Task directions:
Within the data that follows, set down exactly the lines from the one containing "p21 = place(p19, frame((7.24, 0.0, 0.0)))" through the one containing "p25 = place(p23, frame((13.04, 0.0, 0.0)))", both ends included.

Stored dataset items:
# # # # # # #
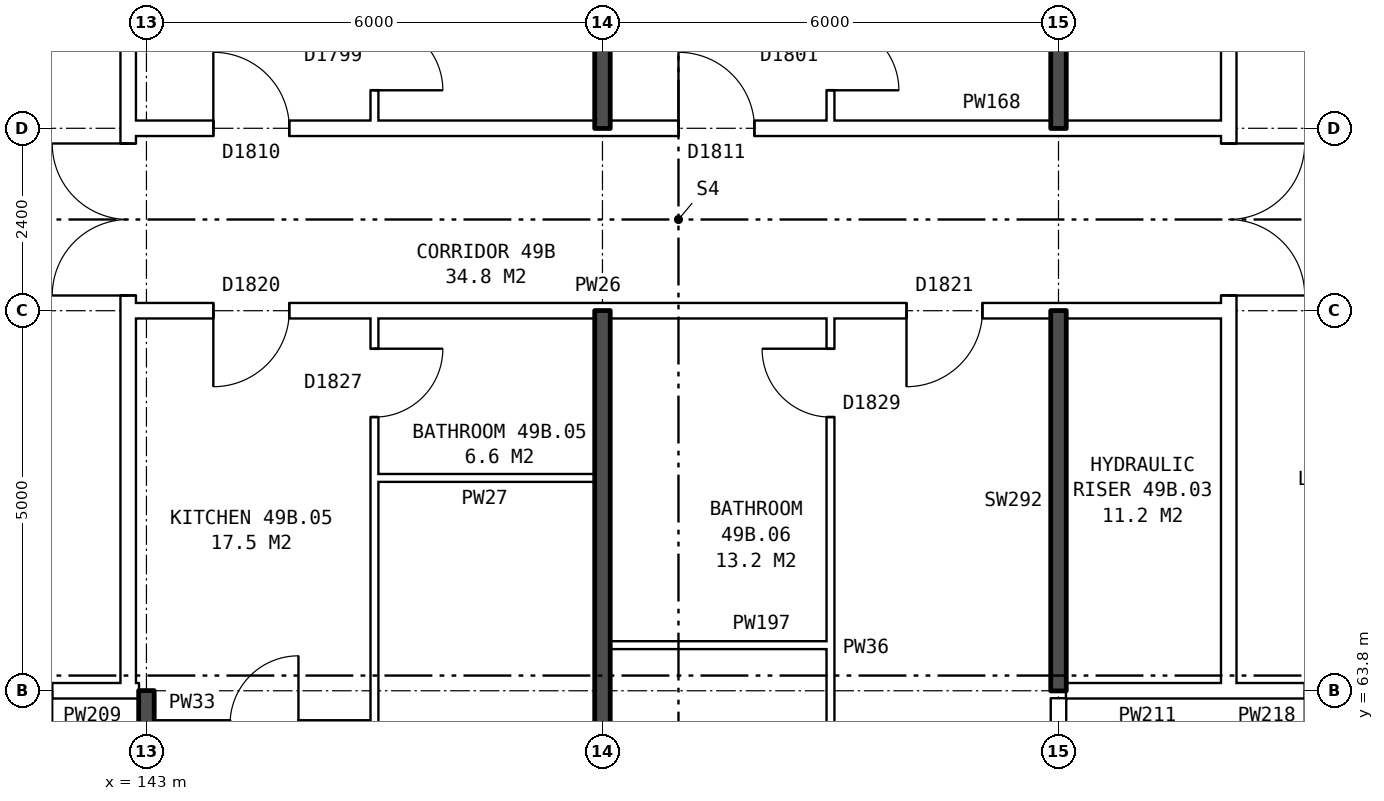
"""IFC4 building model, lengths in metres.
Left out: names, types, materials, properties, quantities, classifications, styles, units other than length and angle.
Written with IfcOpenShell. Run it as: python <this file> out.ifc"""

import sys

from ifc_helpers import new_model, si_unit, direction, frame, frame_2d, origin, place, context, subcontext, project, spatial, rectangle, extrude, element, fill, save


model = new_model("IFC4")
c1 = context("Model", 3, precision=1e-05, world=origin(), true_north=direction((0.0, 1.0)))
c2 = subcontext(c1, "Body", "Model", "MODEL_VIEW")
j1 = project(units=[si_unit("LENGTHUNIT", "METRE"), si_unit("PLANEANGLEUNIT", "RADIAN")], contexts=[c1])
p1 = place(None, origin())
s1 = spatial("IfcSite", under=j1, at=p1, CompositionType="ELEMENT")
p2 = place(p1, origin())
s2 = spatial("IfcBuilding", under=s1, at=p2, CompositionType="ELEMENT")
p3 = place(p2, frame((0.0, 0.0, 175.8)))
s3 = spatial("IfcBuildingStorey", under=s2, at=p3, CompositionType="ELEMENT", Elevation=175.8)
p4 = place(p3, frame((142.76, 63.9, 0.0), z_axis=(0.0, 0.0, 1.0), x_axis=(0.0, 1.0, 0.0)))
e1 = element("IfcWall", 1, at=p4, inside=s3, PredefinedType="PARTITIONING", context=c2, shape_type="SweptSolid", body=[
    extrude(rectangle(XDim=12.2, YDim=0.2, at=frame_2d((6.1, 0.0))), origin(), (0.0, 0.0, 1.0), 2.85),
])
p5 = place(p4, frame((5.1, 0.0, 0.0)))
e2 = element("IfcOpeningElement", 2, at=p5, cuts=e1, PredefinedType="OPENING", context=c2, shape_type="SweptSolid", body=[
    extrude(rectangle(XDim=2.0, YDim=2.1, at=frame_2d((1.0, 1.05))), frame((0.0, 0.11, 0.0), z_axis=(0.0, -1.0, 0.0), x_axis=(1.0, 0.0, 0.0)), (0.0, 0.0, 1.0), 0.22),
])
p6 = place(p3, frame((157.24, 63.9, 0.0), z_axis=(0.0, 0.0, 1.0), x_axis=(0.0, 1.0, 0.0)))
e3 = element("IfcWall", 3, at=p6, inside=s3, PredefinedType="PARTITIONING", context=c2, shape_type="SweptSolid", body=[
    extrude(rectangle(XDim=12.2, YDim=0.2, at=frame_2d((6.1, 0.0))), origin(), (0.0, 0.0, 1.0), 2.85),
])
p7 = place(p6, frame((5.1, 0.0, 0.0)))
e4 = element("IfcOpeningElement", 4, at=p7, cuts=e3, PredefinedType="OPENING", context=c2, shape_type="SweptSolid", body=[
    extrude(rectangle(XDim=2.0, YDim=2.1, at=frame_2d((1.0, 1.05))), frame((0.0, 0.11, 0.0), z_axis=(0.0, -1.0, 0.0), x_axis=(1.0, 0.0, 0.0)), (0.0, 0.0, 1.0), 0.22),
])
p8 = place(p3, frame((143.1, 63.36, 0.0), z_axis=(0.0, 0.0, 1.0), x_axis=(1.0, 0.0, 0.0)))
e5 = element("IfcWall", 5, at=p8, inside=s3, PredefinedType="PARTITIONING", context=c2, shape_type="SweptSolid", body=[
    extrude(rectangle(XDim=2.9, YDim=0.1, at=frame_2d((1.45, 0.0))), origin(), (0.0, 0.0, 1.0), 2.85),
])
p9 = place(p8, frame((1.0, 0.0, 0.0)))
e6 = element("IfcOpeningElement", 6, at=p9, cuts=e5, PredefinedType="OPENING", context=c2, shape_type="SweptSolid", body=[
    extrude(rectangle(XDim=0.9, YDim=2.1, at=frame_2d((0.45, 1.05))), frame((0.0, 0.06, 0.0), z_axis=(0.0, -1.0, 0.0), x_axis=(1.0, 0.0, 0.0)), (0.0, 0.0, 1.0), 0.12),
])
p10 = place(p3, frame((139.76, 63.8, 0.0), z_axis=(0.0, 0.0, 1.0), x_axis=(1.0, 0.0, 0.0)))
e7 = element("IfcWall", 7, at=p10, inside=s3, PredefinedType="PARTITIONING", context=c2, shape_type="SweptSolid", body=[
    extrude(rectangle(XDim=3.0, YDim=0.2, at=frame_2d((1.5, 0.0))), origin(), (0.0, 0.0, 1.0), 2.85),
])
p11 = place(p10, frame((1.0, 0.0, 0.0)))
e8 = element("IfcOpeningElement", 8, at=p11, cuts=e7, PredefinedType="OPENING", context=c2, shape_type="SweptSolid", body=[
    extrude(rectangle(XDim=1.0, YDim=2.1, at=frame_2d((0.5, 1.05))), frame((0.0, 0.11, 0.0), z_axis=(0.0, -1.0, 0.0), x_axis=(1.0, 0.0, 0.0)), (0.0, 0.0, 1.0), 0.22),
])
p12 = place(p3, frame((142.76, 63.8, 0.0), z_axis=(0.0, 0.0, 1.0), x_axis=(1.0, 0.0, 0.0)))
e9 = element("IfcWall", 9, at=p12, inside=s3, PredefinedType="PARTITIONING", context=c2, shape_type="SweptSolid", body=[
    extrude(rectangle(XDim=0.14, YDim=0.2, at=frame_2d((0.07, 0.0))), origin(), (0.0, 0.0, 1.0), 2.85),
])
p13 = place(p3, frame((155.1, 63.8, 0.0), z_axis=(0.0, 0.0, 1.0), x_axis=(1.0, 0.0, 0.0)))
e10 = element("IfcWall", 10, at=p13, inside=s3, PredefinedType="PARTITIONING", context=c2, shape_type="SweptSolid", body=[
    extrude(rectangle(XDim=2.14, YDim=0.2, at=frame_2d((1.07, 0.0))), origin(), (0.0, 0.0, 1.0), 2.85),
])
p14 = place(p3, frame((157.24, 63.8, 0.0), z_axis=(0.0, 0.0, 1.0), x_axis=(1.0, 0.0, 0.0)))
e11 = element("IfcWall", 11, at=p14, inside=s3, PredefinedType="PARTITIONING", context=c2, shape_type="SweptSolid", body=[
    extrude(rectangle(XDim=3.0, YDim=0.2, at=frame_2d((1.5, 0.0))), origin(), (0.0, 0.0, 1.0), 2.85),
])
p15 = place(p14, frame((1.0, 0.0, 0.0)))
e12 = element("IfcOpeningElement", 12, at=p15, cuts=e11, PredefinedType="OPENING", context=c2, shape_type="SweptSolid", body=[
    extrude(rectangle(XDim=1.0, YDim=2.1, at=frame_2d((0.5, 1.05))), frame((0.0, 0.11, 0.0), z_axis=(0.0, -1.0, 0.0), x_axis=(1.0, 0.0, 0.0)), (0.0, 0.0, 1.0), 0.22),
])
for number, where, z_axis, x_axis in (
    (13, (149.1, 64.4, 0.0), (0.0, 0.0, 1.0), (1.0, 0.0, 0.0)),
    (14, (146.0, 66.6, 0.0), (0.0, 0.0, 1.0), (1.0, 0.0, 0.0)),
):
    element("IfcWall", number, at=place(p3, frame(where, z_axis=z_axis, x_axis=x_axis)), inside=s3, PredefinedType="PARTITIONING", context=c2, shape_type="SweptSolid", body=[
        extrude(rectangle(XDim=2.9, YDim=0.1, at=frame_2d((1.45, 0.0))), origin(), (0.0, 0.0, 1.0), 2.85),
    ])
p16 = place(p3, frame((142.76, 68.8, 0.0), z_axis=(0.0, 0.0, 1.0), x_axis=(1.0, 0.0, 0.0)))
e15 = element("IfcWall", 15, at=p16, inside=s3, PredefinedType="PARTITIONING", context=c2, shape_type="SweptSolid", body=[
    extrude(rectangle(XDim=14.48, YDim=0.2, at=frame_2d((7.24, 0.0))), origin(), (0.0, 0.0, 1.0), 2.85),
])
p17 = place(p16, frame((1.12, 0.0, 0.0)))
e16 = element("IfcOpeningElement", 16, at=p17, cuts=e15, PredefinedType="OPENING", context=c2, shape_type="SweptSolid", body=[
    extrude(rectangle(XDim=1.0, YDim=2.1, at=frame_2d((0.5, 1.05))), frame((0.0, 0.11, 0.0), z_axis=(0.0, -1.0, 0.0), x_axis=(1.0, 0.0, 0.0)), (0.0, 0.0, 1.0), 0.22),
])
p18 = place(p16, frame((10.24, 0.0, 0.0)))
e17 = element("IfcOpeningElement", 17, at=p18, cuts=e15, PredefinedType="OPENING", context=c2, shape_type="SweptSolid", body=[
    extrude(rectangle(XDim=1.0, YDim=2.1, at=frame_2d((0.5, 1.05))), frame((0.0, 0.11, 0.0), z_axis=(0.0, -1.0, 0.0), x_axis=(1.0, 0.0, 0.0)), (0.0, 0.0, 1.0), 0.22),
])
p19 = place(p3, frame((142.76, 71.2, 0.0), z_axis=(0.0, 0.0, 1.0), x_axis=(1.0, 0.0, 0.0)))
e18 = element("IfcWall", 18, at=p19, inside=s3, PredefinedType="PARTITIONING", context=c2, shape_type="SweptSolid", body=[
    extrude(rectangle(XDim=14.48, YDim=0.2, at=frame_2d((7.24, 0.0))), origin(), (0.0, 0.0, 1.0), 2.85),
])
p20 = place(p19, frame((1.12, 0.0, 0.0)))
e19 = element("IfcOpeningElement", 19, at=p20, cuts=e18, PredefinedType="OPENING", context=c2, shape_type="SweptSolid", body=[
    extrude(rectangle(XDim=1.0, YDim=2.1, at=frame_2d((0.5, 1.05))), frame((0.0, 0.11, 0.0), z_axis=(0.0, -1.0, 0.0), x_axis=(1.0, 0.0, 0.0)), (0.0, 0.0, 1.0), 0.22),
])
p21 = place(p19, frame((7.24, 0.0, 0.0)))
e20 = element("IfcOpeningElement", 20, at=p21, cuts=e18, PredefinedType="OPENING", context=c2, shape_type="SweptSolid", body=[
    extrude(rectangle(XDim=1.0, YDim=2.1, at=frame_2d((0.5, 1.05))), frame((0.0, 0.11, 0.0), z_axis=(0.0, -1.0, 0.0), x_axis=(1.0, 0.0, 0.0)), (0.0, 0.0, 1.0), 0.22),
])
p22 = place(p3, frame((143.0, 54.36, 0.0), z_axis=(0.0, 0.0, 1.0), x_axis=(0.0, 1.0, 0.0)))
e21 = element("IfcWall", 21, at=p22, inside=s3, PredefinedType="SOLIDWALL", context=c2, shape_type="SweptSolid", body=[
    extrude(rectangle(XDim=9.44, YDim=0.2, at=frame_2d((4.72, 0.0))), origin(), (0.0, 0.0, 1.0), 2.85),
])
p23 = place(p3, frame((146.0, 54.36, 0.0), z_axis=(0.0, 0.0, 1.0), x_axis=(0.0, 1.0, 0.0)))
e22 = element("IfcWall", 22, at=p23, inside=s3, PredefinedType="PARTITIONING", context=c2, shape_type="SweptSolid", body=[
    extrude(rectangle(XDim=14.34, YDim=0.1, at=frame_2d((7.17, 0.0))), origin(), (0.0, 0.0, 1.0), 2.85),
])
p24 = place(p23, frame((7.7, 0.0, 0.0)))
e23 = element("IfcOpeningElement", 23, at=p24, cuts=e22, PredefinedType="OPENING", context=c2, shape_type="SweptSolid", body=[
    extrude(rectangle(XDim=0.9, YDim=2.1, at=frame_2d((0.45, 1.05))), frame((0.0, 0.06, 0.0), z_axis=(0.0, -1.0, 0.0), x_axis=(1.0, 0.0, 0.0)), (0.0, 0.0, 1.0), 0.12),
])
p25 = place(p23, frame((13.04, 0.0, 0.0)))
e24 = element("IfcOpeningElement", 24, at=p25, cuts=e22, PredefinedType="OPENING", context=c2, shape_type="SweptSolid", body=[
    extrude(rectangle(XDim=0.9, YDim=2.1, at=frame_2d((0.45, 1.05))), frame((0.0, 0.06, 0.0), z_axis=(0.0, -1.0, 0.0), x_axis=(1.0, 0.0, 0.0)), (0.0, 0.0, 1.0), 0.12),
])
p26 = place(p3, frame((146.0, 71.3, 0.0), z_axis=(0.0, 0.0, 1.0), x_axis=(0.0, 1.0, 0.0)))
e25 = element("IfcWall", 25, at=p26, inside=s3, PredefinedType="PARTITIONING", context=c2, shape_type="SweptSolid", body=[
    extrude(rectangle(XDim=14.34, YDim=0.1, at=frame_2d((7.17, 0.0))), origin(), (0.0, 0.0, 1.0), 2.85),
])
p27 = place(p26, frame((5.74, 0.0, 0.0)))
e26 = element("IfcOpeningElement", 26, at=p27, cuts=e25, PredefinedType="OPENING", context=c2, shape_type="SweptSolid", body=[
    extrude(rectangle(XDim=0.9, YDim=2.1, at=frame_2d((0.45, 1.05))), frame((0.0, 0.06, 0.0), z_axis=(0.0, -1.0, 0.0), x_axis=(1.0, 0.0, 0.0)), (0.0, 0.0, 1.0), 0.12),
])
p28 = place(p26, frame((0.4, 0.0, 0.0)))
e27 = element("IfcOpeningElement", 27, at=p28, cuts=e25, PredefinedType="OPENING", context=c2, shape_type="SweptSolid", body=[
    extrude(rectangle(XDim=0.9, YDim=2.1, at=frame_2d((0.45, 1.05))), frame((0.0, 0.06, 0.0), z_axis=(0.0, -1.0, 0.0), x_axis=(1.0, 0.0, 0.0)), (0.0, 0.0, 1.0), 0.12),
])
for number, where, z_axis, x_axis in (
    (28, (149.0, 54.36, 0.0), (0.0, 0.0, 1.0), (0.0, 1.0, 0.0)),
    (29, (149.0, 71.2, 0.0), (0.0, 0.0, 1.0), (0.0, 1.0, 0.0)),
):
    element("IfcWall", number, at=place(p3, frame(where, z_axis=z_axis, x_axis=x_axis)), inside=s3, PredefinedType="SOLIDWALL", context=c2, shape_type="SweptSolid", body=[
        extrude(rectangle(XDim=14.44, YDim=0.2, at=frame_2d((7.22, 0.0))), origin(), (0.0, 0.0, 1.0), 2.85),
    ])
p29 = place(p3, frame((152.0, 54.36, 0.0), z_axis=(0.0, 0.0, 1.0), x_axis=(0.0, 1.0, 0.0)))
e30 = element("IfcWall", 30, at=p29, inside=s3, PredefinedType="PARTITIONING", context=c2, shape_type="SweptSolid", body=[
    extrude(rectangle(XDim=14.34, YDim=0.1, at=frame_2d((7.17, 0.0))), origin(), (0.0, 0.0, 1.0), 2.85),
])
p30 = place(p29, frame((5.5, 0.0, 0.0)))
e31 = element("IfcOpeningElement", 31, at=p30, cuts=e30, PredefinedType="OPENING", context=c2, shape_type="SweptSolid", body=[
    extrude(rectangle(XDim=0.9, YDim=2.1, at=frame_2d((0.45, 1.05))), frame((0.0, 0.06, 0.0), z_axis=(0.0, -1.0, 0.0), x_axis=(1.0, 0.0, 0.0)), (0.0, 0.0, 1.0), 0.12),
])
p31 = place(p29, frame((13.04, 0.0, 0.0)))
e32 = element("IfcOpeningElement", 32, at=p31, cuts=e30, PredefinedType="OPENING", context=c2, shape_type="SweptSolid", body=[
    extrude(rectangle(XDim=0.9, YDim=2.1, at=frame_2d((0.45, 1.05))), frame((0.0, 0.06, 0.0), z_axis=(0.0, -1.0, 0.0), x_axis=(1.0, 0.0, 0.0)), (0.0, 0.0, 1.0), 0.12),
])
p32 = place(p3, frame((152.0, 71.3, 0.0), z_axis=(0.0, 0.0, 1.0), x_axis=(0.0, 1.0, 0.0)))
e33 = element("IfcWall", 33, at=p32, inside=s3, PredefinedType="PARTITIONING", context=c2, shape_type="SweptSolid", body=[
    extrude(rectangle(XDim=14.34, YDim=0.1, at=frame_2d((7.17, 0.0))), origin(), (0.0, 0.0, 1.0), 2.85),
])
p33 = place(p32, frame((6.74, 0.0, 0.0)))
e34 = element("IfcOpeningElement", 34, at=p33, cuts=e33, PredefinedType="OPENING", context=c2, shape_type="SweptSolid", body=[
    extrude(rectangle(XDim=0.9, YDim=2.1, at=frame_2d((0.45, 1.05))), frame((0.0, 0.06, 0.0), z_axis=(0.0, -1.0, 0.0), x_axis=(1.0, 0.0, 0.0)), (0.0, 0.0, 1.0), 0.12),
])
p34 = place(p32, frame((0.4, 0.0, 0.0)))
e35 = element("IfcOpeningElement", 35, at=p34, cuts=e33, PredefinedType="OPENING", context=c2, shape_type="SweptSolid", body=[
    extrude(rectangle(XDim=0.9, YDim=2.1, at=frame_2d((0.45, 1.05))), frame((0.0, 0.06, 0.0), z_axis=(0.0, -1.0, 0.0), x_axis=(1.0, 0.0, 0.0)), (0.0, 0.0, 1.0), 0.12),
])
p35 = place(p3, frame((155.0, 61.5, 0.0), z_axis=(0.0, 0.0, 1.0), x_axis=(0.0, 1.0, 0.0)))
e36 = element("IfcWall", 36, at=p35, inside=s3, PredefinedType="PARTITIONING", context=c2, shape_type="SweptSolid", body=[
    extrude(rectangle(XDim=2.2, YDim=0.2, at=frame_2d((1.1, 0.0))), origin(), (0.0, 0.0, 1.0), 2.85),
])
for number, where, z_axis, x_axis in (
    (37, (155.0, 63.8, 0.0), (0.0, 0.0, 1.0), (0.0, 1.0, 0.0)),
    (38, (155.0, 71.2, 0.0), (0.0, 0.0, 1.0), (0.0, 1.0, 0.0)),
):
    element("IfcWall", number, at=place(p3, frame(where, z_axis=z_axis, x_axis=x_axis)), inside=s3, PredefinedType="SOLIDWALL", context=c2, shape_type="SweptSolid", body=[
        extrude(rectangle(XDim=5.0, YDim=0.2, at=frame_2d((2.5, 0.0))), origin(), (0.0, 0.0, 1.0), 2.85),
    ])
p36 = place(p5, origin())
e39 = element("IfcDoor", 39, at=p36, inside=s3, OperationType="DOUBLE_DOOR_SINGLE_SWING", PredefinedType="DOOR", context=c2, shape_type="SweptSolid", body=[
    extrude(rectangle(XDim=2.0, YDim=2.1, at=frame_2d((1.0, 1.05))), frame((0.0, 0.025, 0.0), z_axis=(0.0, -1.0, 0.0), x_axis=(1.0, 0.0, 0.0)), (0.0, 0.0, 1.0), 0.05),
])
fill(e2, e39)
p37 = place(p7, frame((2.0, 0.0, 0.0), z_axis=(0.0, 0.0, 1.0), x_axis=(-1.0, 0.0, 0.0)))
e40 = element("IfcDoor", 40, at=p37, inside=s3, OperationType="DOUBLE_DOOR_SINGLE_SWING", PredefinedType="DOOR", context=c2, shape_type="SweptSolid", body=[
    extrude(rectangle(XDim=2.0, YDim=2.1, at=frame_2d((1.0, 1.05))), frame((0.0, 0.025, 0.0), z_axis=(0.0, -1.0, 0.0), x_axis=(1.0, 0.0, 0.0)), (0.0, 0.0, 1.0), 0.05),
])
fill(e4, e40)
p38 = place(p17, frame((1.0, 0.0, 0.0), z_axis=(0.0, 0.0, 1.0), x_axis=(-1.0, 0.0, 0.0)))
e41 = element("IfcDoor", 41, at=p38, inside=s3, OperationType="SINGLE_SWING_RIGHT", PredefinedType="DOOR", context=c2, shape_type="SweptSolid", body=[
    extrude(rectangle(XDim=1.0, YDim=2.1, at=frame_2d((0.5, 1.05))), frame((0.0, 0.025, 0.0), z_axis=(0.0, -1.0, 0.0), x_axis=(1.0, 0.0, 0.0)), (0.0, 0.0, 1.0), 0.05),
])
fill(e16, e41)
p39 = place(p25, frame((0.9, 0.0, 0.0), z_axis=(0.0, 0.0, 1.0), x_axis=(-1.0, 0.0, 0.0)))
e42 = element("IfcDoor", 42, at=p39, inside=s3, OperationType="SINGLE_SWING_LEFT", PredefinedType="DOOR", context=c2, shape_type="SweptSolid", body=[
    extrude(rectangle(XDim=0.9, YDim=2.1, at=frame_2d((0.45, 1.05))), frame((0.0, 0.025, 0.0), z_axis=(0.0, -1.0, 0.0), x_axis=(1.0, 0.0, 0.0)), (0.0, 0.0, 1.0), 0.05),
])
fill(e24, e42)
p40 = place(p18, frame((1.0, 0.0, 0.0), z_axis=(0.0, 0.0, 1.0), x_axis=(-1.0, 0.0, 0.0)))
e43 = element("IfcDoor", 43, at=p40, inside=s3, OperationType="SINGLE_SWING_RIGHT", PredefinedType="DOOR", context=c2, shape_type="SweptSolid", body=[
    extrude(rectangle(XDim=1.0, YDim=2.1, at=frame_2d((0.5, 1.05))), frame((0.0, 0.025, 0.0), z_axis=(0.0, -1.0, 0.0), x_axis=(1.0, 0.0, 0.0)), (0.0, 0.0, 1.0), 0.05),
])
fill(e17, e43)
p41 = place(p31, origin())
e44 = element("IfcDoor", 44, at=p41, inside=s3, OperationType="SINGLE_SWING_RIGHT", PredefinedType="DOOR", context=c2, shape_type="SweptSolid", body=[
    extrude(rectangle(XDim=0.9, YDim=2.1, at=frame_2d((0.45, 1.05))), frame((0.0, 0.025, 0.0), z_axis=(0.0, -1.0, 0.0), x_axis=(1.0, 0.0, 0.0)), (0.0, 0.0, 1.0), 0.05),
])
fill(e32, e44)
p42 = place(p20, origin())
e45 = element("IfcDoor", 45, at=p42, inside=s3, OperationType="SINGLE_SWING_LEFT", PredefinedType="DOOR", context=c2, shape_type="SweptSolid", body=[
    extrude(rectangle(XDim=1.0, YDim=2.1, at=frame_2d((0.5, 1.05))), frame((0.0, 0.025, 0.0), z_axis=(0.0, -1.0, 0.0), x_axis=(1.0, 0.0, 0.0)), (0.0, 0.0, 1.0), 0.05),
])
fill(e19, e45)
p43 = place(p28, frame((0.9, 0.0, 0.0), z_axis=(0.0, 0.0, 1.0), x_axis=(-1.0, 0.0, 0.0)))
e46 = element("IfcDoor", 46, at=p43, inside=s3, OperationType="SINGLE_SWING_RIGHT", PredefinedType="DOOR", context=c2, shape_type="SweptSolid", body=[
    extrude(rectangle(XDim=0.9, YDim=2.1, at=frame_2d((0.45, 1.05))), frame((0.0, 0.025, 0.0), z_axis=(0.0, -1.0, 0.0), x_axis=(1.0, 0.0, 0.0)), (0.0, 0.0, 1.0), 0.05),
])
fill(e27, e46)
p44 = place(p21, origin())
e47 = element("IfcDoor", 47, at=p44, inside=s3, OperationType="SINGLE_SWING_LEFT", PredefinedType="DOOR", context=c2, shape_type="SweptSolid", body=[
    extrude(rectangle(XDim=1.0, YDim=2.1, at=frame_2d((0.5, 1.05))), frame((0.0, 0.025, 0.0), z_axis=(0.0, -1.0, 0.0), x_axis=(1.0, 0.0, 0.0)), (0.0, 0.0, 1.0), 0.05),
])
fill(e20, e47)
p45 = place(p34, frame((0.9, 0.0, 0.0), z_axis=(0.0, 0.0, 1.0), x_axis=(-1.0, 0.0, 0.0)))
e48 = element("IfcDoor", 48, at=p45, inside=s3, OperationType="SINGLE_SWING_RIGHT", PredefinedType="DOOR", context=c2, shape_type="SweptSolid", body=[
    extrude(rectangle(XDim=0.9, YDim=2.1, at=frame_2d((0.45, 1.05))), frame((0.0, 0.025, 0.0), z_axis=(0.0, -1.0, 0.0), x_axis=(1.0, 0.0, 0.0)), (0.0, 0.0, 1.0), 0.05),
])
fill(e35, e48)
save(model, sys.argv[1])
# # # # # # #
Answer area:
p21 = place(p19, frame((7.24, 0.0, 0.0)))
e20 = element("IfcOpeningElement", 20, at=p21, cuts=e18, PredefinedType="OPENING", context=c2, shape_type="SweptSolid", body=[
    extrude(rectangle(XDim=1.0, YDim=2.1, at=frame_2d((0.5, 1.05))), frame((0.0, 0.11, 0.0), z_axis=(0.0, -1.0, 0.0), x_axis=(1.0, 0.0, 0.0)), (0.0, 0.0, 1.0), 0.22),
])
p22 = place(p3, frame((143.0, 54.36, 0.0), z_axis=(0.0, 0.0, 1.0), x_axis=(0.0, 1.0, 0.0)))
e21 = element("IfcWall", 21, at=p22, inside=s3, PredefinedType="SOLIDWALL", context=c2, shape_type="SweptSolid", body=[
    extrude(rectangle(XDim=9.44, YDim=0.2, at=frame_2d((4.72, 0.0))), origin(), (0.0, 0.0, 1.0), 2.85),
])
p23 = place(p3, frame((146.0, 54.36, 0.0), z_axis=(0.0, 0.0, 1.0), x_axis=(0.0, 1.0, 0.0)))
e22 = element("IfcWall", 22, at=p23, inside=s3, PredefinedType="PARTITIONING", context=c2, shape_type="SweptSolid", body=[
    extrude(rectangle(XDim=14.34, YDim=0.1, at=frame_2d((7.17, 0.0))), origin(), (0.0, 0.0, 1.0), 2.85),
])
p24 = place(p23, frame((7.7, 0.0, 0.0)))
e23 = element("IfcOpeningElement", 23, at=p24, cuts=e22, PredefinedType="OPENING", context=c2, shape_type="SweptSolid", body=[
    extrude(rectangle(XDim=0.9, YDim=2.1, at=frame_2d((0.45, 1.05))), frame((0.0, 0.06, 0.0), z_axis=(0.0, -1.0, 0.0), x_axis=(1.0, 0.0, 0.0)), (0.0, 0.0, 1.0), 0.12),
])
p25 = place(p23, frame((13.04, 0.0, 0.0)))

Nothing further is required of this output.